_The task_
Number of lines with the string "fill" in the entries below: report it, and nothing besides.

_Listed entries_
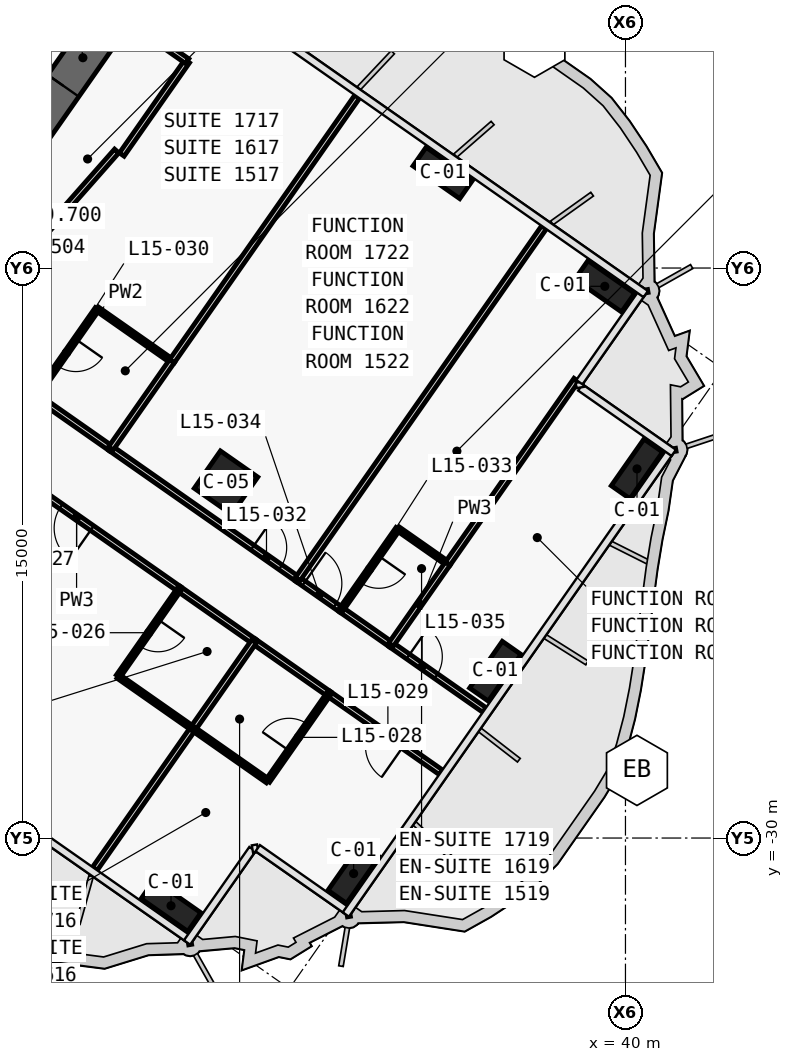
"""IFC4 building model, lengths in metres.
Left out: names, types, materials, properties, quantities, classifications, styles, units other than length and angle.
Written with IfcOpenShell. Run it as: python <this file> out.ifc"""

import sys

from ifc_helpers import new_model, si_unit, direction, frame, frame_2d, origin, origin_2d, place, context, subcontext, project, spatial, polyline, rectangle, outline, extrude, element, fill, save


model = new_model("IFC4")
c1 = context("Model", 3, precision=1e-05, world=origin(), true_north=direction((0.0, 1.0)))
c2 = subcontext(c1, "Body", "Model", "MODEL_VIEW")
j1 = project(units=[si_unit("LENGTHUNIT", "METRE"), si_unit("PLANEANGLEUNIT", "RADIAN")], contexts=[c1])
p1 = place(None, origin())
s1 = spatial("IfcSite", under=j1, at=p1, CompositionType="ELEMENT")
p2 = place(p1, origin())
s2 = spatial("IfcBuilding", under=s1, at=p2, CompositionType="ELEMENT")
p3 = place(p2, frame((0.0, 0.0, 79.7)))
s3 = spatial("IfcBuildingStorey", under=s2, at=p3, CompositionType="ELEMENT", Elevation=79.7)
p4 = place(p3, frame((21.708, -15.2, 0.0), z_axis=(0.0, 0.0, 1.0), x_axis=(0.573576324356, 0.819152122709, 0.0)))
e1 = element("IfcWall", 1, at=p4, inside=s3, PredefinedType="SHEAR", context=c2, shape_type="SweptSolid", body=[
    extrude(outline(polyline([(9.2, 0.5), (0.0, 0.5), (0.0, -0.5), (9.2, -0.5), (9.2, 0.5)])), origin(), (0.0, 0.0, 1.0), 3.6),
])
p5 = place(p4, frame((6.1, 0.0, 0.0)))
e2 = element("IfcOpeningElement", 2, at=p5, cuts=e1, PredefinedType="OPENING", context=c2, shape_type="SweptSolid", body=[
    extrude(rectangle(XDim=1.8, YDim=2.1, at=frame_2d((0.9, 1.05))), frame((0.0, 0.51, 0.0), z_axis=(0.0, -1.0, 0.0), x_axis=(1.0, 0.0, 0.0)), (0.0, 0.0, 1.0), 1.02),
])
p6 = place(p4, frame((1.9, 0.0, 0.0)))
e3 = element("IfcOpeningElement", 3, at=p6, cuts=e1, PredefinedType="OPENING", context=c2, shape_type="SweptSolid", body=[
    extrude(rectangle(XDim=1.8, YDim=2.1, at=frame_2d((0.9, 1.05))), frame((0.0, 0.51, 0.0), z_axis=(0.0, -1.0, 0.0), x_axis=(1.0, 0.0, 0.0)), (0.0, 0.0, 1.0), 1.02),
])
for number, where, z_axis, x_axis in (
    (4, (28.042, -31.782, 0.0), (0.0, 0.0, 1.0), (0.819, -0.574, 0.0)),
    (5, (35.197, -12.498, 0.0), (0.0, 0.0, 1.0), (0.819, -0.574, 0.0)),
    (6, (39.456, -15.481, 0.0), (0.0, 0.0, 1.0), (0.819, -0.574, 0.0)),
    (7, (32.847, -30.935, 0.0), (0.0, 0.0, 1.0), (0.574, 0.819, 0.0)),
    (8, (36.575, -25.61, 0.0), (0.0, 0.0, 1.0), (0.574, 0.819, 0.0)),
    (9, (40.303, -20.286, 0.0), (0.0, 0.0, 1.0), (0.574, 0.819, 0.0)),
):
    element("IfcColumn", number, at=place(p3, frame(where, z_axis=z_axis, x_axis=x_axis)), inside=s3, PredefinedType="COLUMN", context=c2, shape_type="SweptSolid", body=[
        extrude(rectangle(XDim=1.5, YDim=0.6, at=origin_2d()), origin(), (0.0, 0.0, 1.0), 3.6),
    ])
p7 = place(p3, frame((29.49, -20.649, 0.0), z_axis=(0.0, 0.0, 1.0), x_axis=(0.819152044289, -0.573576436351, 0.0)))
e10 = element("IfcColumn", 10, at=p7, inside=s3, PredefinedType="COLUMN", context=c2, shape_type="SweptSolid", body=[
    extrude(rectangle(XDim=1.2, YDim=1.2, at=origin_2d()), origin(), (0.0, 0.0, 1.0), 3.6),
])
p8 = place(p3, frame((24.491, -18.369, 0.0), z_axis=(0.0, 0.0, 1.0), x_axis=(0.819179439794, -0.573537309527, 0.0)))
e11 = element("IfcWall", 11, at=p8, inside=s3, PredefinedType="PARTITIONING", context=c2, shape_type="SweptSolid", body=[
    extrude(rectangle(XDim=2.404, YDim=0.15, at=frame_2d((1.202, 0.0))), origin(), (0.0, 0.0, 1.0), 3.32),
])
p9 = place(p3, frame((26.457, -19.746, 0.0), z_axis=(0.0, 0.0, 1.0), x_axis=(0.819165052243, -0.573557858619, 0.0)))
e12 = element("IfcWall", 12, at=p9, inside=s3, PredefinedType="PARTITIONING", context=c2, shape_type="SweptSolid", body=[
    extrude(rectangle(XDim=6.004, YDim=0.15, at=frame_2d((3.002, 0.0))), origin(), (0.0, 0.0, 1.0), 2.6),
])
p10 = place(p9, frame((4.552, 0.0, 0.0)))
e13 = element("IfcOpeningElement", 13, at=p10, cuts=e12, PredefinedType="OPENING", context=c2, shape_type="SweptSolid", body=[
    extrude(rectangle(XDim=0.9, YDim=2.1, at=frame_2d((0.45, 1.05))), frame((0.0, 0.085, 0.0), z_axis=(0.0, -1.0, 0.0), x_axis=(1.0, 0.0, 0.0)), (0.0, 0.0, 1.0), 0.17),
])
p11 = place(p3, frame((31.372, -23.188, 0.0), z_axis=(0.0, 0.0, 1.0), x_axis=(0.819199220913, -0.573509055252, 0.0)))
e14 = element("IfcWall", 14, at=p11, inside=s3, PredefinedType="PARTITIONING", context=c2, shape_type="SweptSolid", body=[
    extrude(rectangle(XDim=1.403, YDim=0.15, at=frame_2d((0.702, 0.0))), origin(), (0.0, 0.0, 1.0), 3.32),
])
p12 = place(p11, frame((0.202, 0.0, 0.0)))
e15 = element("IfcOpeningElement", 15, at=p12, cuts=e14, PredefinedType="OPENING", context=c2, shape_type="SweptSolid", body=[
    extrude(rectangle(XDim=1.0, YDim=2.1, at=frame_2d((0.5, 1.05))), frame((0.0, 0.085, 0.0), z_axis=(0.0, -1.0, 0.0), x_axis=(1.0, 0.0, 0.0)), (0.0, 0.0, 1.0), 0.17),
])
p13 = place(p3, frame((32.519, -23.99, 0.0), z_axis=(0.0, 0.0, 1.0), x_axis=(0.819189013667, -0.573523634986, 0.0)))
e16 = element("IfcWall", 16, at=p13, inside=s3, PredefinedType="PARTITIONING", context=c2, shape_type="SweptSolid", body=[
    extrude(rectangle(XDim=1.604, YDim=0.15, at=frame_2d((0.802, 0.0))), origin(), (0.0, 0.0, 1.0), 3.32),
])
p14 = place(p3, frame((33.829, -24.908, 0.0), z_axis=(0.0, 0.0, 1.0), x_axis=(0.81915932427, -0.57356603932, 0.0)))
e17 = element("IfcWall", 17, at=p14, inside=s3, PredefinedType="PARTITIONING", context=c2, shape_type="SweptSolid", body=[
    extrude(rectangle(XDim=3.002, YDim=0.15, at=frame_2d((1.501, 0.0))), origin(), (0.0, 0.0, 1.0), 2.5),
])
p15 = place(p14, frame((0.551, 0.0, 0.0)))
e18 = element("IfcOpeningElement", 18, at=p15, cuts=e17, PredefinedType="OPENING", context=c2, shape_type="SweptSolid", body=[
    extrude(rectangle(XDim=0.9, YDim=2.1, at=frame_2d((0.45, 1.05))), frame((0.0, 0.085, 0.0), z_axis=(0.0, -1.0, 0.0), x_axis=(1.0, 0.0, 0.0)), (0.0, 0.0, 1.0), 0.17),
])
p16 = place(p3, frame((28.261, -23.451, 0.0), z_axis=(0.0, 0.0, 1.0), x_axis=(-0.819141582452, 0.573591377113, 0.0)))
e19 = element("IfcWall", 19, at=p16, inside=s3, PredefinedType="PARTITIONING", context=c2, shape_type="SweptSolid", body=[
    extrude(rectangle(XDim=6.603, YDim=0.15, at=frame_2d((3.301, 0.0))), origin(), (0.0, 0.0, 1.0), 2.6),
])
p17 = place(p16, frame((2.801, 0.0, 0.0)))
e20 = element("IfcOpeningElement", 20, at=p17, cuts=e19, PredefinedType="OPENING", context=c2, shape_type="SweptSolid", body=[
    extrude(rectangle(XDim=1.0, YDim=2.1, at=frame_2d((0.5, 1.05))), frame((0.0, 0.085, 0.0), z_axis=(0.0, -1.0, 0.0), x_axis=(1.0, 0.0, 0.0)), (0.0, 0.0, 1.0), 0.17),
])
p18 = place(p3, frame((30.228, -24.828, 0.0), z_axis=(0.0, 0.0, 1.0), x_axis=(-0.819146032251, 0.573585022335, 0.0)))
e21 = element("IfcWall", 21, at=p18, inside=s3, PredefinedType="PARTITIONING", context=c2, shape_type="SweptSolid", body=[
    extrude(rectangle(XDim=2.404, YDim=0.15, at=frame_2d((1.202, 0.0))), origin(), (0.0, 0.0, 1.0), 3.32),
])
p19 = place(p3, frame((35.141, -28.268, 0.0), z_axis=(0.0, 0.0, 1.0), x_axis=(-0.819149096931, 0.573580645591, 0.0)))
e22 = element("IfcWall", 22, at=p19, inside=s3, PredefinedType="PARTITIONING", context=c2, shape_type="SweptSolid", body=[
    extrude(rectangle(XDim=3.601, YDim=0.15, at=frame_2d((1.8, 0.0))), origin(), (0.0, 0.0, 1.0), 2.5),
])
p20 = place(p19, frame((1.2, 0.0, 0.0)))
e23 = element("IfcOpeningElement", 23, at=p20, cuts=e22, PredefinedType="OPENING", context=c2, shape_type="SweptSolid", body=[
    extrude(rectangle(XDim=1.0, YDim=2.1, at=frame_2d((0.5, 1.05))), frame((0.0, 0.085, 0.0), z_axis=(0.0, -1.0, 0.0), x_axis=(1.0, 0.0, 0.0)), (0.0, 0.0, 1.0), 0.17),
])
p21 = place(p3, frame((32.194, -26.205, 0.0), z_axis=(0.0, 0.0, 1.0), x_axis=(-0.819146032251, 0.573585022335, 0.0)))
e24 = element("IfcWall", 24, at=p21, inside=s3, PredefinedType="PARTITIONING", context=c2, shape_type="SweptSolid", body=[
    extrude(rectangle(XDim=2.404, YDim=0.15, at=frame_2d((1.202, 0.0))), origin(), (0.0, 0.0, 1.0), 3.32),
])
p22 = place(p3, frame((26.098, -16.076, 0.0), z_axis=(0.0, 0.0, 1.0), x_axis=(-0.573550118428, -0.819170471667, 0.0)))
e25 = element("IfcWall", 25, at=p22, inside=s3, PredefinedType="PARTITIONING", context=c2, shape_type="SweptSolid", body=[
    extrude(rectangle(XDim=2.8, YDim=0.12, at=frame_2d((1.4, 0.0))), origin(), (0.0, 0.0, 1.0), 2.6),
])
p23 = place(p22, frame((0.975, 0.0, 0.0)))
e26 = element("IfcOpeningElement", 26, at=p23, cuts=e25, PredefinedType="OPENING", context=c2, shape_type="SweptSolid", body=[
    extrude(rectangle(XDim=0.85, YDim=2.05, at=frame_2d((0.425, 1.025))), frame((0.0, 0.07, 0.0), z_axis=(0.0, -1.0, 0.0), x_axis=(1.0, 0.0, 0.0)), (0.0, 0.0, 1.0), 0.14),
])
p24 = place(p3, frame((28.065, -17.453, 0.0), z_axis=(0.0, 0.0, 1.0), x_axis=(-0.819155442668, 0.573571582932, 0.0)))
e27 = element("IfcWall", 27, at=p24, inside=s3, PredefinedType="PARTITIONING", context=c2, shape_type="SweptSolid", body=[
    extrude(rectangle(XDim=2.4, YDim=0.12, at=frame_2d((1.2, 0.0))), origin(), (0.0, 0.0, 1.0), 3.32),
])
p25 = place(p3, frame((32.94, -10.491, 0.0), z_axis=(0.0, 0.0, 1.0), x_axis=(-0.573593433868, -0.819140142237, 0.0)))
e28 = element("IfcWall", 28, at=p25, inside=s3, PredefinedType="PARTITIONING", context=c2, shape_type="SweptSolid", body=[
    extrude(rectangle(XDim=8.499, YDim=0.15, at=frame_2d((4.25, 0.0))), origin(), (0.0, 0.0, 1.0), 2.6),
])
p26 = place(p3, frame((22.285, -16.825, 0.0), z_axis=(0.0, 0.0, 1.0), x_axis=(0.661551268245, 0.749899939647, 0.0)))
e29 = element("IfcWall", 29, at=p26, inside=s3, PredefinedType="PARTITIONING", context=c2, shape_type="SweptSolid", body=[
    extrude(rectangle(XDim=6.541, YDim=0.15, at=frame_2d((3.271, 0.0))), origin(), (0.0, 0.0, 1.0), 2.6),
])
p27 = place(p3, frame((26.746, -12.014, 0.0), z_axis=(0.0, 0.0, 1.0), x_axis=(0.573560650686, 0.819163097304, 0.0)))
e30 = element("IfcWall", 30, at=p27, inside=s3, PredefinedType="PARTITIONING", context=c2, shape_type="SweptSolid", body=[
    extrude(rectangle(XDim=3.0, YDim=0.15, at=frame_2d((1.5, 0.0))), origin(), (0.0, 0.0, 1.0), 3.32),
])
p28 = place(p3, frame((28.467, -9.556, 0.0), z_axis=(0.0, 0.0, 1.0), x_axis=(-0.819109000826, 0.573637903879, 0.0)))
e31 = element("IfcWall", 31, at=p28, inside=s3, PredefinedType="PARTITIONING", context=c2, shape_type="SweptSolid", body=[
    extrude(rectangle(XDim=1.68, YDim=0.15, at=frame_2d((0.84, 0.0))), origin(), (0.0, 0.0, 1.0), 3.32),
])
p29 = place(p3, frame((28.064, -17.454, 0.0), z_axis=(0.0, 0.0, 1.0), x_axis=(-0.573550118428, -0.819170471667, 0.0)))
e32 = element("IfcWall", 32, at=p29, inside=s3, PredefinedType="PARTITIONING", context=c2, shape_type="SweptSolid", body=[
    extrude(rectangle(XDim=2.8, YDim=0.15, at=frame_2d((1.4, 0.0))), origin(), (0.0, 0.0, 1.0), 2.6),
])
p30 = place(p3, frame((37.855, -13.932, 0.0), z_axis=(0.0, 0.0, 1.0), x_axis=(-0.573571089604, -0.819155788095, 0.0)))
e33 = element("IfcWall", 33, at=p30, inside=s3, PredefinedType="PARTITIONING", context=c2, shape_type="SweptSolid", body=[
    extrude(rectangle(XDim=11.3, YDim=0.15, at=frame_2d((5.65, 0.0))), origin(), (0.0, 0.0, 1.0), 2.5),
])
p31 = place(p3, frame((35.323, -22.779, 0.0), z_axis=(0.0, 0.0, 1.0), x_axis=(-0.81918174131, 0.573534022273, 0.0)))
e34 = element("IfcWall", 34, at=p31, inside=s3, PredefinedType="PARTITIONING", context=c2, shape_type="SweptSolid", body=[
    extrude(rectangle(XDim=1.6, YDim=0.12, at=frame_2d((0.8, 0.0))), origin(), (0.0, 0.0, 1.0), 3.32),
])
p32 = place(p3, frame((34.01, -21.861, 0.0), z_axis=(0.0, 0.0, 1.0), x_axis=(-0.573537965655, -0.819178980414, 0.0)))
e35 = element("IfcWall", 35, at=p32, inside=s3, PredefinedType="PARTITIONING", context=c2, shape_type="SweptSolid", body=[
    extrude(rectangle(XDim=2.6, YDim=0.12, at=frame_2d((1.3, 0.0))), origin(), (0.0, 0.0, 1.0), 2.6),
])
p33 = place(p32, frame((0.875, 0.0, 0.0)))
e36 = element("IfcOpeningElement", 36, at=p33, cuts=e35, PredefinedType="OPENING", context=c2, shape_type="SweptSolid", body=[
    extrude(rectangle(XDim=0.85, YDim=2.05, at=frame_2d((0.425, 1.025))), frame((0.0, 0.07, 0.0), z_axis=(0.0, -1.0, 0.0), x_axis=(1.0, 0.0, 0.0)), (0.0, 0.0, 1.0), 0.14),
])
p34 = place(p3, frame((38.708, -17.945, 0.0), z_axis=(0.0, 0.0, 1.0), x_axis=(-0.573573403315, -0.819154168035, 0.0)))
e37 = element("IfcWall", 37, at=p34, inside=s3, PredefinedType="PARTITIONING", context=c2, shape_type="SweptSolid", body=[
    extrude(rectangle(XDim=5.901, YDim=0.15, at=frame_2d((2.951, 0.0))), origin(), (0.0, 0.0, 1.0), 3.32),
])
p35 = place(p3, frame((35.322, -22.78, 0.0), z_axis=(0.0, 0.0, 1.0), x_axis=(-0.573537965655, -0.819178980414, 0.0)))
e38 = element("IfcWall", 38, at=p35, inside=s3, PredefinedType="PARTITIONING", context=c2, shape_type="SweptSolid", body=[
    extrude(rectangle(XDim=2.6, YDim=0.15, at=frame_2d((1.3, 0.0))), origin(), (0.0, 0.0, 1.0), 2.6),
])
p36 = place(p3, frame((28.26, -23.45, 0.0), z_axis=(0.0, 0.0, 1.0), x_axis=(-0.573608623498, -0.819129505664, 0.0)))
e39 = element("IfcWall", 39, at=p36, inside=s3, PredefinedType="PARTITIONING", context=c2, shape_type="SweptSolid", body=[
    extrude(rectangle(XDim=2.8, YDim=0.12, at=frame_2d((1.4, 0.0))), origin(), (0.0, 0.0, 1.0), 3.32),
])
p37 = place(p36, frame((0.975, 0.0, 0.0)))
e40 = element("IfcOpeningElement", 40, at=p37, cuts=e39, PredefinedType="OPENING", context=c2, shape_type="SweptSolid", body=[
    extrude(rectangle(XDim=0.85, YDim=2.05, at=frame_2d((0.425, 1.025))), frame((0.0, 0.07, 0.0), z_axis=(0.0, -1.0, 0.0), x_axis=(1.0, 0.0, 0.0)), (0.0, 0.0, 1.0), 0.14),
])
p38 = place(p3, frame((26.654, -25.745, 0.0), z_axis=(0.0, 0.0, 1.0), x_axis=(0.819188907105, -0.573523787192, 0.0)))
e41 = element("IfcWall", 41, at=p38, inside=s3, PredefinedType="PARTITIONING", context=c2, shape_type="SweptSolid", body=[
    extrude(rectangle(XDim=2.4, YDim=0.12, at=frame_2d((1.2, 0.0))), origin(), (0.0, 0.0, 1.0), 3.32),
])
p39 = place(p3, frame((28.62, -27.121, 0.0), z_axis=(0.0, 0.0, 1.0), x_axis=(-0.573589807488, -0.819142681555, 0.0)))
e42 = element("IfcWall", 42, at=p39, inside=s3, PredefinedType="PARTITIONING", context=c2, shape_type="SweptSolid", body=[
    extrude(rectangle(XDim=4.499, YDim=0.15, at=frame_2d((2.25, 0.0))), origin(), (0.0, 0.0, 1.0), 2.5),
])
p40 = place(p3, frame((30.226, -24.827, 0.0), z_axis=(0.0, 0.0, 1.0), x_axis=(-0.573608623498, -0.819129505664, 0.0)))
e43 = element("IfcWall", 43, at=p40, inside=s3, PredefinedType="PARTITIONING", context=c2, shape_type="SweptSolid", body=[
    extrude(rectangle(XDim=2.8, YDim=0.15, at=frame_2d((1.4, 0.0))), origin(), (0.0, 0.0, 1.0), 3.32),
])
p41 = place(p3, frame((28.62, -27.121, 0.0), z_axis=(0.0, 0.0, 1.0), x_axis=(0.819141114317, -0.573592045652, 0.0)))
e44 = element("IfcWall", 44, at=p41, inside=s3, PredefinedType="PARTITIONING", context=c2, shape_type="SweptSolid", body=[
    extrude(rectangle(XDim=2.4, YDim=0.12, at=frame_2d((1.2, 0.0))), origin(), (0.0, 0.0, 1.0), 3.32),
])
p42 = place(p3, frame((30.587, -28.498, 0.0), z_axis=(0.0, 0.0, 1.0), x_axis=(0.573608623498, 0.819129505664, 0.0)))
e45 = element("IfcWall", 45, at=p42, inside=s3, PredefinedType="PARTITIONING", context=c2, shape_type="SweptSolid", body=[
    extrude(rectangle(XDim=2.8, YDim=0.12, at=frame_2d((1.4, 0.0))), origin(), (0.0, 0.0, 1.0), 3.32),
])
p43 = place(p42, frame((0.975, 0.0, 0.0)))
e46 = element("IfcOpeningElement", 46, at=p43, cuts=e45, PredefinedType="OPENING", context=c2, shape_type="SweptSolid", body=[
    extrude(rectangle(XDim=0.85, YDim=2.05, at=frame_2d((0.425, 1.025))), frame((0.0, 0.07, 0.0), z_axis=(0.0, -1.0, 0.0), x_axis=(1.0, 0.0, 0.0)), (0.0, 0.0, 1.0), 0.14),
])
p44 = place(p5, origin())
e47 = element("IfcDoor", 47, at=p44, inside=s3, OperationType="DOUBLE_DOOR_SINGLE_SWING", PredefinedType="DOOR", context=c2, shape_type="SweptSolid", body=[
    extrude(rectangle(XDim=1.8, YDim=2.1, at=frame_2d((0.9, 1.05))), frame((0.0, 0.025, 0.0), z_axis=(0.0, -1.0, 0.0), x_axis=(1.0, 0.0, 0.0)), (0.0, 0.0, 1.0), 0.05),
])
fill(e2, e47)
p45 = place(p37, origin())
e48 = element("IfcDoor", 48, at=p45, inside=s3, OperationType="SINGLE_SWING_RIGHT", PredefinedType="DOOR", context=c2, shape_type="SweptSolid", body=[
    extrude(rectangle(XDim=0.85, YDim=2.05, at=frame_2d((0.425, 1.025))), frame((0.0, 0.025, 0.0), z_axis=(0.0, -1.0, 0.0), x_axis=(1.0, 0.0, 0.0)), (0.0, 0.0, 1.0), 0.05),
])
fill(e40, e48)
p46 = place(p17, origin())
e49 = element("IfcDoor", 49, at=p46, inside=s3, OperationType="SINGLE_SWING_RIGHT", PredefinedType="DOOR", context=c2, shape_type="SweptSolid", body=[
    extrude(rectangle(XDim=1.0, YDim=2.1, at=frame_2d((0.5, 1.05))), frame((0.0, 0.025, 0.0), z_axis=(0.0, -1.0, 0.0), x_axis=(1.0, 0.0, 0.0)), (0.0, 0.0, 1.0), 0.05),
])
fill(e20, e49)
p47 = place(p43, origin())
e50 = element("IfcDoor", 50, at=p47, inside=s3, OperationType="SINGLE_SWING_RIGHT", PredefinedType="DOOR", context=c2, shape_type="SweptSolid", body=[
    extrude(rectangle(XDim=0.85, YDim=2.05, at=frame_2d((0.425, 1.025))), frame((0.0, 0.025, 0.0), z_axis=(0.0, -1.0, 0.0), x_axis=(1.0, 0.0, 0.0)), (0.0, 0.0, 1.0), 0.05),
])
fill(e46, e50)
p48 = place(p20, origin())
e51 = element("IfcDoor", 51, at=p48, inside=s3, OperationType="SINGLE_SWING_RIGHT", PredefinedType="DOOR", context=c2, shape_type="SweptSolid", body=[
    extrude(rectangle(XDim=1.0, YDim=2.1, at=frame_2d((0.5, 1.05))), frame((0.0, 0.025, 0.0), z_axis=(0.0, -1.0, 0.0), x_axis=(1.0, 0.0, 0.0)), (0.0, 0.0, 1.0), 0.05),
])
fill(e23, e51)
p49 = place(p23, origin())
e52 = element("IfcDoor", 52, at=p49, inside=s3, OperationType="SINGLE_SWING_RIGHT", PredefinedType="DOOR", context=c2, shape_type="SweptSolid", body=[
    extrude(rectangle(XDim=0.85, YDim=2.05, at=frame_2d((0.425, 1.025))), frame((0.0, 0.025, 0.0), z_axis=(0.0, -1.0, 0.0), x_axis=(1.0, 0.0, 0.0)), (0.0, 0.0, 1.0), 0.05),
])
fill(e26, e52)
p50 = place(p10, origin())
e53 = element("IfcDoor", 53, at=p50, inside=s3, OperationType="SINGLE_SWING_RIGHT", PredefinedType="DOOR", context=c2, shape_type="SweptSolid", body=[
    extrude(rectangle(XDim=0.9, YDim=2.1, at=frame_2d((0.45, 1.05))), frame((0.0, 0.025, 0.0), z_axis=(0.0, -1.0, 0.0), x_axis=(1.0, 0.0, 0.0)), (0.0, 0.0, 1.0), 0.05),
])
fill(e13, e53)
p51 = place(p33, origin())
e54 = element("IfcDoor", 54, at=p51, inside=s3, OperationType="SINGLE_SWING_RIGHT", PredefinedType="DOOR", context=c2, shape_type="SweptSolid", body=[
    extrude(rectangle(XDim=0.85, YDim=2.05, at=frame_2d((0.425, 1.025))), frame((0.0, 0.025, 0.0), z_axis=(0.0, -1.0, 0.0), x_axis=(1.0, 0.0, 0.0)), (0.0, 0.0, 1.0), 0.05),
])
fill(e36, e54)
p52 = place(p12, origin())
e55 = element("IfcDoor", 55, at=p52, inside=s3, OperationType="SINGLE_SWING_LEFT", PredefinedType="DOOR", context=c2, shape_type="SweptSolid", body=[
    extrude(rectangle(XDim=1.0, YDim=2.1, at=frame_2d((0.5, 1.05))), frame((0.0, 0.025, 0.0), z_axis=(0.0, -1.0, 0.0), x_axis=(1.0, 0.0, 0.0)), (0.0, 0.0, 1.0), 0.05),
])
fill(e15, e55)
p53 = place(p15, origin())
e56 = element("IfcDoor", 56, at=p53, inside=s3, OperationType="SINGLE_SWING_LEFT", PredefinedType="DOOR", context=c2, shape_type="SweptSolid", body=[
    extrude(rectangle(XDim=0.9, YDim=2.1, at=frame_2d((0.45, 1.05))), frame((0.0, 0.025, 0.0), z_axis=(0.0, -1.0, 0.0), x_axis=(1.0, 0.0, 0.0)), (0.0, 0.0, 1.0), 0.05),
])
fill(e18, e56)
save(model, sys.argv[1])

_Answer section_
11